> _PROMPT_: Take the entries below and print, exactly, the stretch from the line containing "#172=CARTESIAN_POINT('',(4.525,3.582,15.839));" through the line containing "#186=DIRECTION('',(0.8641,0.,0.5034));", both included.

(Source data)
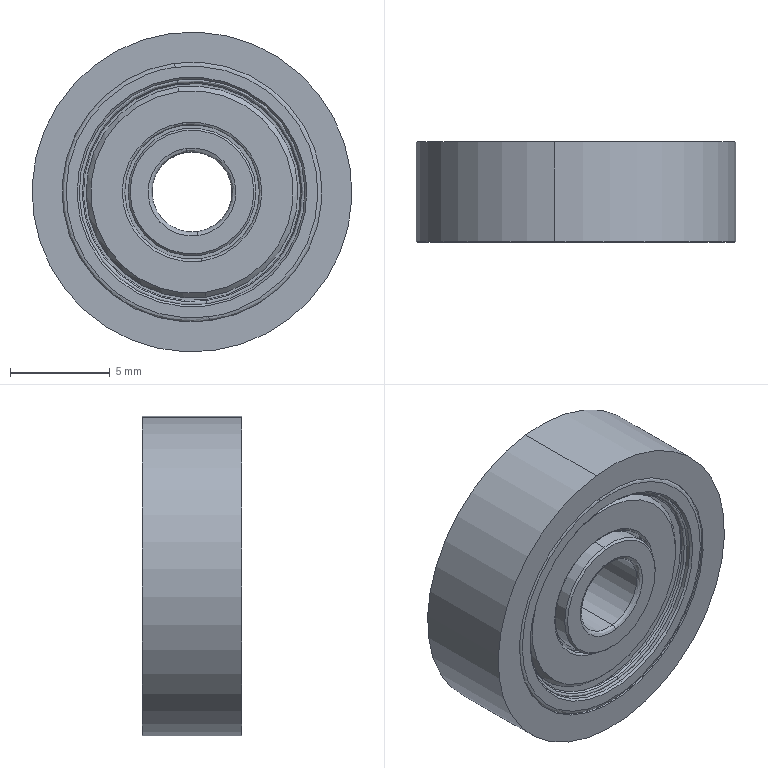Component | SolidWorks | CoatedBearingMisumiUMBGW4-16-1 | 1 solid | 118 faces | volume 785 mm3 | cone 40 | cylinder 32 | spline 28 | plane 18 | commonest cylinder face diameters 13 x4 11.3 x4 6.74 x4 6.973 x4 10.6 x4 7.2 x4 6.4 x4 16 x2 | material 45
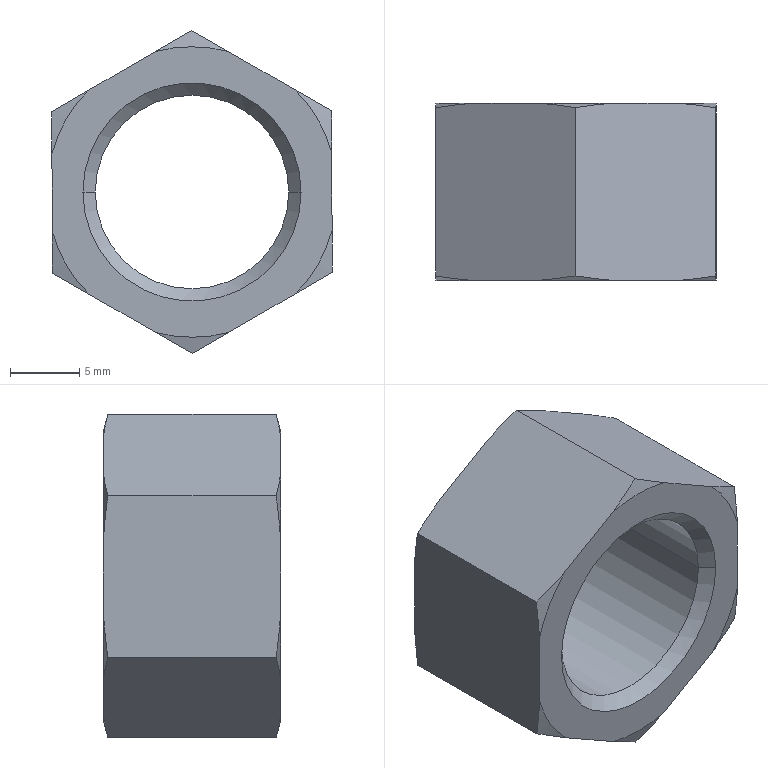Component | SolidWorks | 25Type1HexNut_GradeAAndB[GBT6170-2000][M14]-2 | 1 solid | 26 faces | box 20.28 x 12.8 x 23.36 mm | volume 2527 mm3 | cone 16 | plane 8 | cylinder 2 | commonest cylinder face diameters 14 x2 | material Steel
STEP:
#1=COLOUR_RGB('',0.7922,0.8196,0.9333);
#2=FILL_AREA_STYLE_COLOUR('',#1);
#3=FILL_AREA_STYLE('',(#2));
#4=SURFACE_STYLE_FILL_AREA(#3);
#5=SURFACE_SIDE_STYLE('',(#4));
#6=SURFACE_STYLE_USAGE(.BOTH.,#5);
#7=PRESENTATION_STYLE_ASSIGNMENT((#6));
#8=CARTESIAN_POINT('',(4.247,3.56,16.299));
#9=VERTEX_POINT('',#8);
#10=CARTESIAN_POINT('',(4.799,3.56,16.299));
#11=VERTEX_POINT('',#10);
#12=CARTESIAN_POINT('',(4.523,3.56,16.299));
#13=DIRECTION('',(-0.,1.,0.));
#14=DIRECTION('',(-1.,0.,0.));
#15=AXIS2_PLACEMENT_3D('',#12,#13,#14);
#16=CIRCLE('',#15,0.2756);
#17=EDGE_CURVE('',#9,#11,#16,.T.);
#18=ORIENTED_EDGE('',*,*,#17,.F.);
#19=CARTESIAN_POINT('',(4.213,3.595,16.299));
#20=VERTEX_POINT('',#19);
#21=CARTESIAN_POINT('',(4.247,3.56,16.299));
#22=DIRECTION('',(-0.7071,0.7071,-0.));
#23=VECTOR('',#22,39.37);
#24=LINE('',#21,#23);
#25=EDGE_CURVE('',#9,#20,#24,.T.);
#26=ORIENTED_EDGE('',*,*,#25,.T.);
#27=CARTESIAN_POINT('',(4.833,3.595,16.299));
#28=VERTEX_POINT('',#27);
#29=CARTESIAN_POINT('',(4.523,3.595,16.299));
#30=DIRECTION('',(0.,-1.,0.));
#31=DIRECTION('',(-1.,0.,0.));
#32=AXIS2_PLACEMENT_3D('',#29,#30,#31);
#33=CIRCLE('',#32,0.3104);
#34=EDGE_CURVE('',#28,#20,#33,.T.);
#35=ORIENTED_EDGE('',*,*,#34,.F.);
#36=CARTESIAN_POINT('',(4.799,3.56,16.299));
#37=DIRECTION('',(0.7071,0.7071,0.));
#38=VECTOR('',#37,39.37);
#39=LINE('',#36,#38);
#40=EDGE_CURVE('',#11,#28,#39,.T.);
#41=ORIENTED_EDGE('',*,*,#40,.F.);
#42=EDGE_LOOP('',(#18,#26,#35,#41));
#43=FACE_OUTER_BOUND('',#42,.T.);
#44=CARTESIAN_POINT('',(4.523,3.56,16.299));
#45=DIRECTION('',(-0.,1.,0.));
#46=DIRECTION('',(1.,0.,0.));
#47=AXIS2_PLACEMENT_3D('',#44,#45,#46);
#48=CONICAL_SURFACE('',#47,0.2756,0.7854);
#49=ADVANCED_FACE('',(#43),#48,.F.);
#50=CARTESIAN_POINT('',(4.799,3.126,16.299));
#51=VERTEX_POINT('',#50);
#52=CARTESIAN_POINT('',(4.247,3.126,16.299));
#53=VERTEX_POINT('',#52);
#54=CARTESIAN_POINT('',(4.523,3.126,16.299));
#55=DIRECTION('',(0.,-1.,0.));
#56=DIRECTION('',(-1.,0.,0.));
#57=AXIS2_PLACEMENT_3D('',#54,#55,#56);
#58=CIRCLE('',#57,0.2756);
#59=EDGE_CURVE('',#51,#53,#58,.T.);
#60=ORIENTED_EDGE('',*,*,#59,.F.);
#61=CARTESIAN_POINT('',(4.833,3.091,16.299));
#62=VERTEX_POINT('',#61);
#63=CARTESIAN_POINT('',(4.833,3.091,16.299));
#64=DIRECTION('',(0.7071,-0.7071,-0.));
#65=VECTOR('',#64,39.37);
#66=LINE('',#63,#65);
#67=EDGE_CURVE('',#51,#62,#66,.T.);
#68=ORIENTED_EDGE('',*,*,#67,.T.);
#69=CARTESIAN_POINT('',(4.213,3.091,16.299));
#70=VERTEX_POINT('',#69);
#71=CARTESIAN_POINT('',(4.523,3.091,16.299));
#72=DIRECTION('',(-0.,1.,0.));
#73=DIRECTION('',(-1.,0.,0.));
#74=AXIS2_PLACEMENT_3D('',#71,#72,#73);
#75=CIRCLE('',#74,0.3104);
#76=EDGE_CURVE('',#70,#62,#75,.T.);
#77=ORIENTED_EDGE('',*,*,#76,.F.);
#78=CARTESIAN_POINT('',(4.213,3.091,16.299));
#79=DIRECTION('',(-0.7071,-0.7071,-0.));
#80=VECTOR('',#79,39.37);
#81=LINE('',#78,#80);
#82=EDGE_CURVE('',#53,#70,#81,.T.);
#83=ORIENTED_EDGE('',*,*,#82,.F.);
#84=EDGE_LOOP('',(#60,#68,#77,#83));
#85=FACE_OUTER_BOUND('',#84,.T.);
#86=CARTESIAN_POINT('',(4.523,3.091,16.299));
#87=DIRECTION('',(0.,-1.,0.));
#88=DIRECTION('',(-1.,0.,0.));
#89=AXIS2_PLACEMENT_3D('',#86,#87,#88);
#90=CONICAL_SURFACE('',#89,0.3104,0.7854);
#91=ADVANCED_FACE('',(#85),#90,.F.);
#92=ORIENTED_EDGE('',*,*,#17,.T.);
#93=CARTESIAN_POINT('',(4.799,3.595,16.299));
#94=DIRECTION('',(0.,-1.,0.));
#95=VECTOR('',#94,39.37);
#96=LINE('',#93,#95);
#97=EDGE_CURVE('',#11,#51,#96,.T.);
#98=ORIENTED_EDGE('',*,*,#97,.T.);
#99=ORIENTED_EDGE('',*,*,#59,.T.);
#100=CARTESIAN_POINT('',(4.247,3.595,16.299));
#101=DIRECTION('',(0.,-1.,0.));
#102=VECTOR('',#101,39.37);
#103=LINE('',#100,#102);
#104=EDGE_CURVE('',#9,#53,#103,.T.);
#105=ORIENTED_EDGE('',*,*,#104,.F.);
#106=EDGE_LOOP('',(#92,#98,#99,#105));
#107=FACE_OUTER_BOUND('',#106,.T.);
#108=CARTESIAN_POINT('',(4.523,3.595,16.299));
#109=DIRECTION('',(0.,-1.,0.));
#110=DIRECTION('',(-1.,0.,0.));
#111=AXIS2_PLACEMENT_3D('',#108,#109,#110);
#112=CYLINDRICAL_SURFACE('',#111,0.2756);
#113=ADVANCED_FACE('',(#107),#112,.F.);
#114=CARTESIAN_POINT('',(4.922,3.582,16.071));
#115=VERTEX_POINT('',#114);
#116=CARTESIAN_POINT('',(4.819,3.595,16.011));
#117=VERTEX_POINT('',#116);
#118=CARTESIAN_POINT('',(4.922,3.582,16.071));
#119=CARTESIAN_POINT('',(4.888,3.588,16.051));
#120=CARTESIAN_POINT('',(4.854,3.592,16.031));
#121=CARTESIAN_POINT('',(4.819,3.595,16.011));
#122=B_SPLINE_CURVE_WITH_KNOTS('',3,(#118,#119,#120,#121),.UNSPECIFIED.,.F.,.F.,(4,4),(0.01194,0.01498),.UNSPECIFIED.);
#123=EDGE_CURVE('',#115,#117,#122,.T.);
#124=ORIENTED_EDGE('',*,*,#123,.F.);
#125=CARTESIAN_POINT('',(4.922,3.103,16.071));
#126=VERTEX_POINT('',#125);
#127=CARTESIAN_POINT('',(4.922,3.595,16.071));
#128=DIRECTION('',(0.,-1.,0.));
#129=VECTOR('',#128,39.37);
#130=LINE('',#127,#129);
#131=EDGE_CURVE('',#115,#126,#130,.T.);
#132=ORIENTED_EDGE('',*,*,#131,.T.);
#133=CARTESIAN_POINT('',(4.819,3.091,16.011));
#134=VERTEX_POINT('',#133);
#135=CARTESIAN_POINT('',(4.819,3.091,16.011));
#136=CARTESIAN_POINT('',(4.854,3.094,16.031));
#137=CARTESIAN_POINT('',(4.888,3.098,16.051));
#138=CARTESIAN_POINT('',(4.922,3.103,16.071));
#139=B_SPLINE_CURVE_WITH_KNOTS('',3,(#135,#136,#137,#138),.UNSPECIFIED.,.F.,.F.,(4,4),(0.02057,0.02356),.UNSPECIFIED.);
#140=EDGE_CURVE('',#134,#126,#139,.T.);
#141=ORIENTED_EDGE('',*,*,#140,.F.);
#142=CARTESIAN_POINT('',(4.628,3.091,15.899));
#143=VERTEX_POINT('',#142);
#144=CARTESIAN_POINT('',(4.922,3.091,16.071));
#145=DIRECTION('',(-0.8641,-0.,-0.5034));
#146=VECTOR('',#145,39.37);
#147=LINE('',#144,#146);
#148=EDGE_CURVE('',#134,#143,#147,.T.);
#149=ORIENTED_EDGE('',*,*,#148,.T.);
#150=CARTESIAN_POINT('',(4.525,3.103,15.839));
#151=VERTEX_POINT('',#150);
#152=CARTESIAN_POINT('',(4.525,3.103,15.839));
#153=CARTESIAN_POINT('',(4.559,3.098,15.859));
#154=CARTESIAN_POINT('',(4.593,3.094,15.879));
#155=CARTESIAN_POINT('',(4.628,3.091,15.899));
#156=B_SPLINE_CURVE_WITH_KNOTS('',3,(#152,#153,#154,#155),.UNSPECIFIED.,.F.,.F.,(4,4),(0.01194,0.01498),.UNSPECIFIED.);
#157=EDGE_CURVE('',#151,#143,#156,.T.);
#158=ORIENTED_EDGE('',*,*,#157,.F.);
#159=CARTESIAN_POINT('',(4.525,3.582,15.839));
#160=VERTEX_POINT('',#159);
#161=CARTESIAN_POINT('',(4.525,3.595,15.839));
#162=DIRECTION('',(0.,-1.,0.));
#163=VECTOR('',#162,39.37);
#164=LINE('',#161,#163);
#165=EDGE_CURVE('',#160,#151,#164,.T.);
#166=ORIENTED_EDGE('',*,*,#165,.F.);
#167=CARTESIAN_POINT('',(4.628,3.595,15.899));
#168=VERTEX_POINT('',#167);
#169=CARTESIAN_POINT('',(4.628,3.595,15.899));
#170=CARTESIAN_POINT('',(4.593,3.592,15.879));
#171=CARTESIAN_POINT('',(4.559,3.588,15.859));
#172=CARTESIAN_POINT('',(4.525,3.582,15.839));
#173=B_SPLINE_CURVE_WITH_KNOTS('',3,(#169,#170,#171,#172),.UNSPECIFIED.,.F.,.F.,(4,4),(0.02057,0.02356),.UNSPECIFIED.);
#174=EDGE_CURVE('',#168,#160,#173,.T.);
#175=ORIENTED_EDGE('',*,*,#174,.F.);
#176=CARTESIAN_POINT('',(4.922,3.595,16.071));
#177=DIRECTION('',(-0.8641,-0.,-0.5034));
#178=VECTOR('',#177,39.37);
#179=LINE('',#176,#178);
#180=EDGE_CURVE('',#117,#168,#179,.T.);
#181=ORIENTED_EDGE('',*,*,#180,.F.);
#182=EDGE_LOOP('',(#124,#132,#141,#149,#158,#166,#175,#181));
#183=FACE_OUTER_BOUND('',#182,.T.);
#184=CARTESIAN_POINT('',(4.922,3.595,16.071));
#185=DIRECTION('',(-0.5034,-0.,0.8641));
#186=DIRECTION('',(0.8641,0.,0.5034));
#187=AXIS2_PLACEMENT_3D('',#184,#185,#186);
#188=PLANE('',#187);
#189=ADVANCED_FACE('',(#183),#188,.F.);
#190=CARTESIAN_POINT('',(4.422,3.595,15.898));
#191=VERTEX_POINT('',#190);
#192=CARTESIAN_POINT('',(4.525,3.582,15.839));
#193=CARTESIAN_POINT('',(4.491,3.588,15.859));
#194=CARTESIAN_POINT('',(4.456,3.592,15.879));
#195=CARTESIAN_POINT('',(4.422,3.595,15.898));
#196=B_SPLINE_CURVE_WITH_KNOTS('',3,(#192,#193,#194,#195),.UNSPECIFIED.,.F.,.F.,(4,4),(0.01189,0.01493),.UNSPECIFIED.);
#197=EDGE_CURVE('',#160,#191,#196,.T.);
#198=ORIENTED_EDGE('',*,*,#197,.F.);
#199=ORIENTED_EDGE('',*,*,#165,.T.);
#200=CARTESIAN_POINT('',(4.422,3.091,15.898));
#201=VERTEX_POINT('',#200);
#202=CARTESIAN_POINT('',(4.422,3.091,15.898));
#203=CARTESIAN_POINT('',(4.456,3.094,15.879));
#204=CARTESIAN_POINT('',(4.491,3.098,15.859));
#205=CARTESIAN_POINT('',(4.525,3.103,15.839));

> _FINISHED TASK_:
#172=CARTESIAN_POINT('',(4.525,3.582,15.839));
#173=B_SPLINE_CURVE_WITH_KNOTS('',3,(#169,#170,#171,#172),.UNSPECIFIED.,.F.,.F.,(4,4),(0.02057,0.02356),.UNSPECIFIED.);
#174=EDGE_CURVE('',#168,#160,#173,.T.);
#175=ORIENTED_EDGE('',*,*,#174,.F.);
#176=CARTESIAN_POINT('',(4.922,3.595,16.071));
#177=DIRECTION('',(-0.8641,-0.,-0.5034));
#178=VECTOR('',#177,39.37);
#179=LINE('',#176,#178);
#180=EDGE_CURVE('',#117,#168,#179,.T.);
#181=ORIENTED_EDGE('',*,*,#180,.F.);
#182=EDGE_LOOP('',(#124,#132,#141,#149,#158,#166,#175,#181));
#183=FACE_OUTER_BOUND('',#182,.T.);
#184=CARTESIAN_POINT('',(4.922,3.595,16.071));
#185=DIRECTION('',(-0.5034,-0.,0.8641));
#186=DIRECTION('',(0.8641,0.,0.5034));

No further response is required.